--- Entries supplied Enclosed Below ---
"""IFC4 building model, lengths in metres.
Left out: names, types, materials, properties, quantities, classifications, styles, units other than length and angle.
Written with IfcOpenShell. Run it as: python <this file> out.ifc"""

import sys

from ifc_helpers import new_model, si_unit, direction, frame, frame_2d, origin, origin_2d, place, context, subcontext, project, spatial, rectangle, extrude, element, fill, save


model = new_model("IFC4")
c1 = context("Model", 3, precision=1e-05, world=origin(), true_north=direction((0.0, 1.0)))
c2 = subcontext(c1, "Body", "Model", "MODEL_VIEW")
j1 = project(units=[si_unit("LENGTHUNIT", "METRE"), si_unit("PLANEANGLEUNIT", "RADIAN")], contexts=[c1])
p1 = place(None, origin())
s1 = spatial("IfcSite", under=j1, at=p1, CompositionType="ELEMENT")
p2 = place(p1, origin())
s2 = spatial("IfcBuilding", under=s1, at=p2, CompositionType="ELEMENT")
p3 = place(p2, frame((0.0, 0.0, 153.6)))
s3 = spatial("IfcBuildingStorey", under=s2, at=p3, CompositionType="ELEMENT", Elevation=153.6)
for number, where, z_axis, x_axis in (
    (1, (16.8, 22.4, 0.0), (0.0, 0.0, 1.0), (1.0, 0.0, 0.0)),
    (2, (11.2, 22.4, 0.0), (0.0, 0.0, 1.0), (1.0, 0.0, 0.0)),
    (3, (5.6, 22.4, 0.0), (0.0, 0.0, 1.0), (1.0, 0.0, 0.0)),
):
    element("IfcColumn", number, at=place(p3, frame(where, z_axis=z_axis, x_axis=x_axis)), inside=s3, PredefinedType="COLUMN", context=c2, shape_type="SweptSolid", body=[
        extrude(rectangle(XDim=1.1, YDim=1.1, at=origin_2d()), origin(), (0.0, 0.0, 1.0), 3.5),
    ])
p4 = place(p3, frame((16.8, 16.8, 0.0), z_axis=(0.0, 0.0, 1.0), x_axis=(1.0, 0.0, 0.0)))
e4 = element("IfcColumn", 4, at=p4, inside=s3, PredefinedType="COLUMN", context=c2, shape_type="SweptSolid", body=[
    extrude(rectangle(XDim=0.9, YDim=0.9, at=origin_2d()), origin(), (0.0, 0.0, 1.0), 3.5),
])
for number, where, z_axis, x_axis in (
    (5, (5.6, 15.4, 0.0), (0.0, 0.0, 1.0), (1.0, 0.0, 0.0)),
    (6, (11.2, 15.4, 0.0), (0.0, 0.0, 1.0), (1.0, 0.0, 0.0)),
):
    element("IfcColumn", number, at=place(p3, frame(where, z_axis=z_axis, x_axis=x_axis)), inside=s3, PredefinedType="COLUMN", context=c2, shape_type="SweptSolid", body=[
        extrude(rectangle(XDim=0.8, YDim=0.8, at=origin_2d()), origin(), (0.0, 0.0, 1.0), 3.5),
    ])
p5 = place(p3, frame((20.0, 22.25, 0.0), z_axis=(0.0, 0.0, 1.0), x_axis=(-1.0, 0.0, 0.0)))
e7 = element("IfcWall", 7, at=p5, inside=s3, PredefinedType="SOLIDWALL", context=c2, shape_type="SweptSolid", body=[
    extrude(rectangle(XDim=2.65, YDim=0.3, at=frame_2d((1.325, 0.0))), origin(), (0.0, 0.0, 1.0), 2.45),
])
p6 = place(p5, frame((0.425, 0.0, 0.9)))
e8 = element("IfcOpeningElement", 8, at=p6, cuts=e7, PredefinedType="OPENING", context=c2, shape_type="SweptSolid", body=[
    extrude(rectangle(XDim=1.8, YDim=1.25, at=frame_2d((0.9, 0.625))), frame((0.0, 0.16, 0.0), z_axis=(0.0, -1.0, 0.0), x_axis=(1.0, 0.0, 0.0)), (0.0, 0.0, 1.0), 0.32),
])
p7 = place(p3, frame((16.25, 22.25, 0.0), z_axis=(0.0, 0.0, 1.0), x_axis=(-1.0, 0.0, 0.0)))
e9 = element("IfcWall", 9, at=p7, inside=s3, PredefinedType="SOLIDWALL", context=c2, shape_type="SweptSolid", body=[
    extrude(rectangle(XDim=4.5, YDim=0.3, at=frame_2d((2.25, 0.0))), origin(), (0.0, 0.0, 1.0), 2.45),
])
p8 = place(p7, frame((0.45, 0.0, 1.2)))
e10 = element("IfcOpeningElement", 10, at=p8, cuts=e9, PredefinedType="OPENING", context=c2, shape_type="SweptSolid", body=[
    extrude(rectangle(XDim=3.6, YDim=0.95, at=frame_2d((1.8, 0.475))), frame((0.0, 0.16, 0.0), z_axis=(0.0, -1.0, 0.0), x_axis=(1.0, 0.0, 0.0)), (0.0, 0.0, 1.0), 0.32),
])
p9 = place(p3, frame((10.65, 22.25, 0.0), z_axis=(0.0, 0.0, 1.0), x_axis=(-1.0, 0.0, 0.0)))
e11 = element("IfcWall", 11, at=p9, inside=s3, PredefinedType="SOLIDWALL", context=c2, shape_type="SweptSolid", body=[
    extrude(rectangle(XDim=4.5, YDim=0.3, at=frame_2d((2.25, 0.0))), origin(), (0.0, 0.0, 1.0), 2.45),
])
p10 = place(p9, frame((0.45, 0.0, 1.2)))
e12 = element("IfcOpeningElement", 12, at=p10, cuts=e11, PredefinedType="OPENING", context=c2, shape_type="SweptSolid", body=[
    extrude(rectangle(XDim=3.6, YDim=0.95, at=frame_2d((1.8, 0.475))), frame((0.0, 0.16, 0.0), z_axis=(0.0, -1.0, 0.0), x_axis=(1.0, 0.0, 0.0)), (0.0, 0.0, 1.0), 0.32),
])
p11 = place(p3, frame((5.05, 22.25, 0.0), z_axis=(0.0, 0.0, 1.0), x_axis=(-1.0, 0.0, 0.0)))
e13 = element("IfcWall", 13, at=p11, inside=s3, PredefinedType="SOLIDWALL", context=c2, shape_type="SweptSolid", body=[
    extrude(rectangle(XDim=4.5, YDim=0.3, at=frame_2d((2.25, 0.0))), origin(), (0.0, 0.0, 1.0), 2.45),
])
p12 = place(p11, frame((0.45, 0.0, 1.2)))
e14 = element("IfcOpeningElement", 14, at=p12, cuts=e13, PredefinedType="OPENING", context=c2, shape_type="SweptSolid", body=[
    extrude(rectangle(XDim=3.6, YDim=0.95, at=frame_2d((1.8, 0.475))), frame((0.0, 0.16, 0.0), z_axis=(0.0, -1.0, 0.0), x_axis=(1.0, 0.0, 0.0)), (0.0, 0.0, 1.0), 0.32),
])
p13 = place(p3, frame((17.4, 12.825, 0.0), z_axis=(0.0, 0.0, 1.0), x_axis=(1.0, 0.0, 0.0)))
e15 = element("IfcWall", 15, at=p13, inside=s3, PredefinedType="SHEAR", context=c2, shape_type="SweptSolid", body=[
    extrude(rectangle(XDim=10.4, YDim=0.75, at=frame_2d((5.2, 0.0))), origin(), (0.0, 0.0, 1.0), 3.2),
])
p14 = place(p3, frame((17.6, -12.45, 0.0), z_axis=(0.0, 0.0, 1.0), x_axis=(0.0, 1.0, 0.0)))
--- End of Enclosed Entries supplied ---
What is being asked
Write the material out again word for word.

Output of the exercise
"""IFC4 building model, lengths in metres.
Left out: names, types, materials, properties, quantities, classifications, styles, units other than length and angle.
Written with IfcOpenShell. Run it as: python <this file> out.ifc"""

import sys

from ifc_helpers import new_model, si_unit, direction, frame, frame_2d, origin, origin_2d, place, context, subcontext, project, spatial, rectangle, extrude, element, fill, save


model = new_model("IFC4")
c1 = context("Model", 3, precision=1e-05, world=origin(), true_north=direction((0.0, 1.0)))
c2 = subcontext(c1, "Body", "Model", "MODEL_VIEW")
j1 = project(units=[si_unit("LENGTHUNIT", "METRE"), si_unit("PLANEANGLEUNIT", "RADIAN")], contexts=[c1])
p1 = place(None, origin())
s1 = spatial("IfcSite", under=j1, at=p1, CompositionType="ELEMENT")
p2 = place(p1, origin())
s2 = spatial("IfcBuilding", under=s1, at=p2, CompositionType="ELEMENT")
p3 = place(p2, frame((0.0, 0.0, 153.6)))
s3 = spatial("IfcBuildingStorey", under=s2, at=p3, CompositionType="ELEMENT", Elevation=153.6)
for number, where, z_axis, x_axis in (
    (1, (16.8, 22.4, 0.0), (0.0, 0.0, 1.0), (1.0, 0.0, 0.0)),
    (2, (11.2, 22.4, 0.0), (0.0, 0.0, 1.0), (1.0, 0.0, 0.0)),
    (3, (5.6, 22.4, 0.0), (0.0, 0.0, 1.0), (1.0, 0.0, 0.0)),
):
    element("IfcColumn", number, at=place(p3, frame(where, z_axis=z_axis, x_axis=x_axis)), inside=s3, PredefinedType="COLUMN", context=c2, shape_type="SweptSolid", body=[
        extrude(rectangle(XDim=1.1, YDim=1.1, at=origin_2d()), origin(), (0.0, 0.0, 1.0), 3.5),
    ])
p4 = place(p3, frame((16.8, 16.8, 0.0), z_axis=(0.0, 0.0, 1.0), x_axis=(1.0, 0.0, 0.0)))
e4 = element("IfcColumn", 4, at=p4, inside=s3, PredefinedType="COLUMN", context=c2, shape_type="SweptSolid", body=[
    extrude(rectangle(XDim=0.9, YDim=0.9, at=origin_2d()), origin(), (0.0, 0.0, 1.0), 3.5),
])
for number, where, z_axis, x_axis in (
    (5, (5.6, 15.4, 0.0), (0.0, 0.0, 1.0), (1.0, 0.0, 0.0)),
    (6, (11.2, 15.4, 0.0), (0.0, 0.0, 1.0), (1.0, 0.0, 0.0)),
):
    element("IfcColumn", number, at=place(p3, frame(where, z_axis=z_axis, x_axis=x_axis)), inside=s3, PredefinedType="COLUMN", context=c2, shape_type="SweptSolid", body=[
        extrude(rectangle(XDim=0.8, YDim=0.8, at=origin_2d()), origin(), (0.0, 0.0, 1.0), 3.5),
    ])
p5 = place(p3, frame((20.0, 22.25, 0.0), z_axis=(0.0, 0.0, 1.0), x_axis=(-1.0, 0.0, 0.0)))
e7 = element("IfcWall", 7, at=p5, inside=s3, PredefinedType="SOLIDWALL", context=c2, shape_type="SweptSolid", body=[
    extrude(rectangle(XDim=2.65, YDim=0.3, at=frame_2d((1.325, 0.0))), origin(), (0.0, 0.0, 1.0), 2.45),
])
p6 = place(p5, frame((0.425, 0.0, 0.9)))
e8 = element("IfcOpeningElement", 8, at=p6, cuts=e7, PredefinedType="OPENING", context=c2, shape_type="SweptSolid", body=[
    extrude(rectangle(XDim=1.8, YDim=1.25, at=frame_2d((0.9, 0.625))), frame((0.0, 0.16, 0.0), z_axis=(0.0, -1.0, 0.0), x_axis=(1.0, 0.0, 0.0)), (0.0, 0.0, 1.0), 0.32),
])
p7 = place(p3, frame((16.25, 22.25, 0.0), z_axis=(0.0, 0.0, 1.0), x_axis=(-1.0, 0.0, 0.0)))
e9 = element("IfcWall", 9, at=p7, inside=s3, PredefinedType="SOLIDWALL", context=c2, shape_type="SweptSolid", body=[
    extrude(rectangle(XDim=4.5, YDim=0.3, at=frame_2d((2.25, 0.0))), origin(), (0.0, 0.0, 1.0), 2.45),
])
p8 = place(p7, frame((0.45, 0.0, 1.2)))
e10 = element("IfcOpeningElement", 10, at=p8, cuts=e9, PredefinedType="OPENING", context=c2, shape_type="SweptSolid", body=[
    extrude(rectangle(XDim=3.6, YDim=0.95, at=frame_2d((1.8, 0.475))), frame((0.0, 0.16, 0.0), z_axis=(0.0, -1.0, 0.0), x_axis=(1.0, 0.0, 0.0)), (0.0, 0.0, 1.0), 0.32),
])
p9 = place(p3, frame((10.65, 22.25, 0.0), z_axis=(0.0, 0.0, 1.0), x_axis=(-1.0, 0.0, 0.0)))
e11 = element("IfcWall", 11, at=p9, inside=s3, PredefinedType="SOLIDWALL", context=c2, shape_type="SweptSolid", body=[
    extrude(rectangle(XDim=4.5, YDim=0.3, at=frame_2d((2.25, 0.0))), origin(), (0.0, 0.0, 1.0), 2.45),
])
p10 = place(p9, frame((0.45, 0.0, 1.2)))
e12 = element("IfcOpeningElement", 12, at=p10, cuts=e11, PredefinedType="OPENING", context=c2, shape_type="SweptSolid", body=[
    extrude(rectangle(XDim=3.6, YDim=0.95, at=frame_2d((1.8, 0.475))), frame((0.0, 0.16, 0.0), z_axis=(0.0, -1.0, 0.0), x_axis=(1.0, 0.0, 0.0)), (0.0, 0.0, 1.0), 0.32),
])
p11 = place(p3, frame((5.05, 22.25, 0.0), z_axis=(0.0, 0.0, 1.0), x_axis=(-1.0, 0.0, 0.0)))
e13 = element("IfcWall", 13, at=p11, inside=s3, PredefinedType="SOLIDWALL", context=c2, shape_type="SweptSolid", body=[
    extrude(rectangle(XDim=4.5, YDim=0.3, at=frame_2d((2.25, 0.0))), origin(), (0.0, 0.0, 1.0), 2.45),
])
p12 = place(p11, frame((0.45, 0.0, 1.2)))
e14 = element("IfcOpeningElement", 14, at=p12, cuts=e13, PredefinedType="OPENING", context=c2, shape_type="SweptSolid", body=[
    extrude(rectangle(XDim=3.6, YDim=0.95, at=frame_2d((1.8, 0.475))), frame((0.0, 0.16, 0.0), z_axis=(0.0, -1.0, 0.0), x_axis=(1.0, 0.0, 0.0)), (0.0, 0.0, 1.0), 0.32),
])
p13 = place(p3, frame((17.4, 12.825, 0.0), z_axis=(0.0, 0.0, 1.0), x_axis=(1.0, 0.0, 0.0)))
e15 = element("IfcWall", 15, at=p13, inside=s3, PredefinedType="SHEAR", context=c2, shape_type="SweptSolid", body=[
    extrude(rectangle(XDim=10.4, YDim=0.75, at=frame_2d((5.2, 0.0))), origin(), (0.0, 0.0, 1.0), 3.2),
])
p14 = place(p3, frame((17.6, -12.45, 0.0), z_axis=(0.0, 0.0, 1.0), x_axis=(0.0, 1.0, 0.0)))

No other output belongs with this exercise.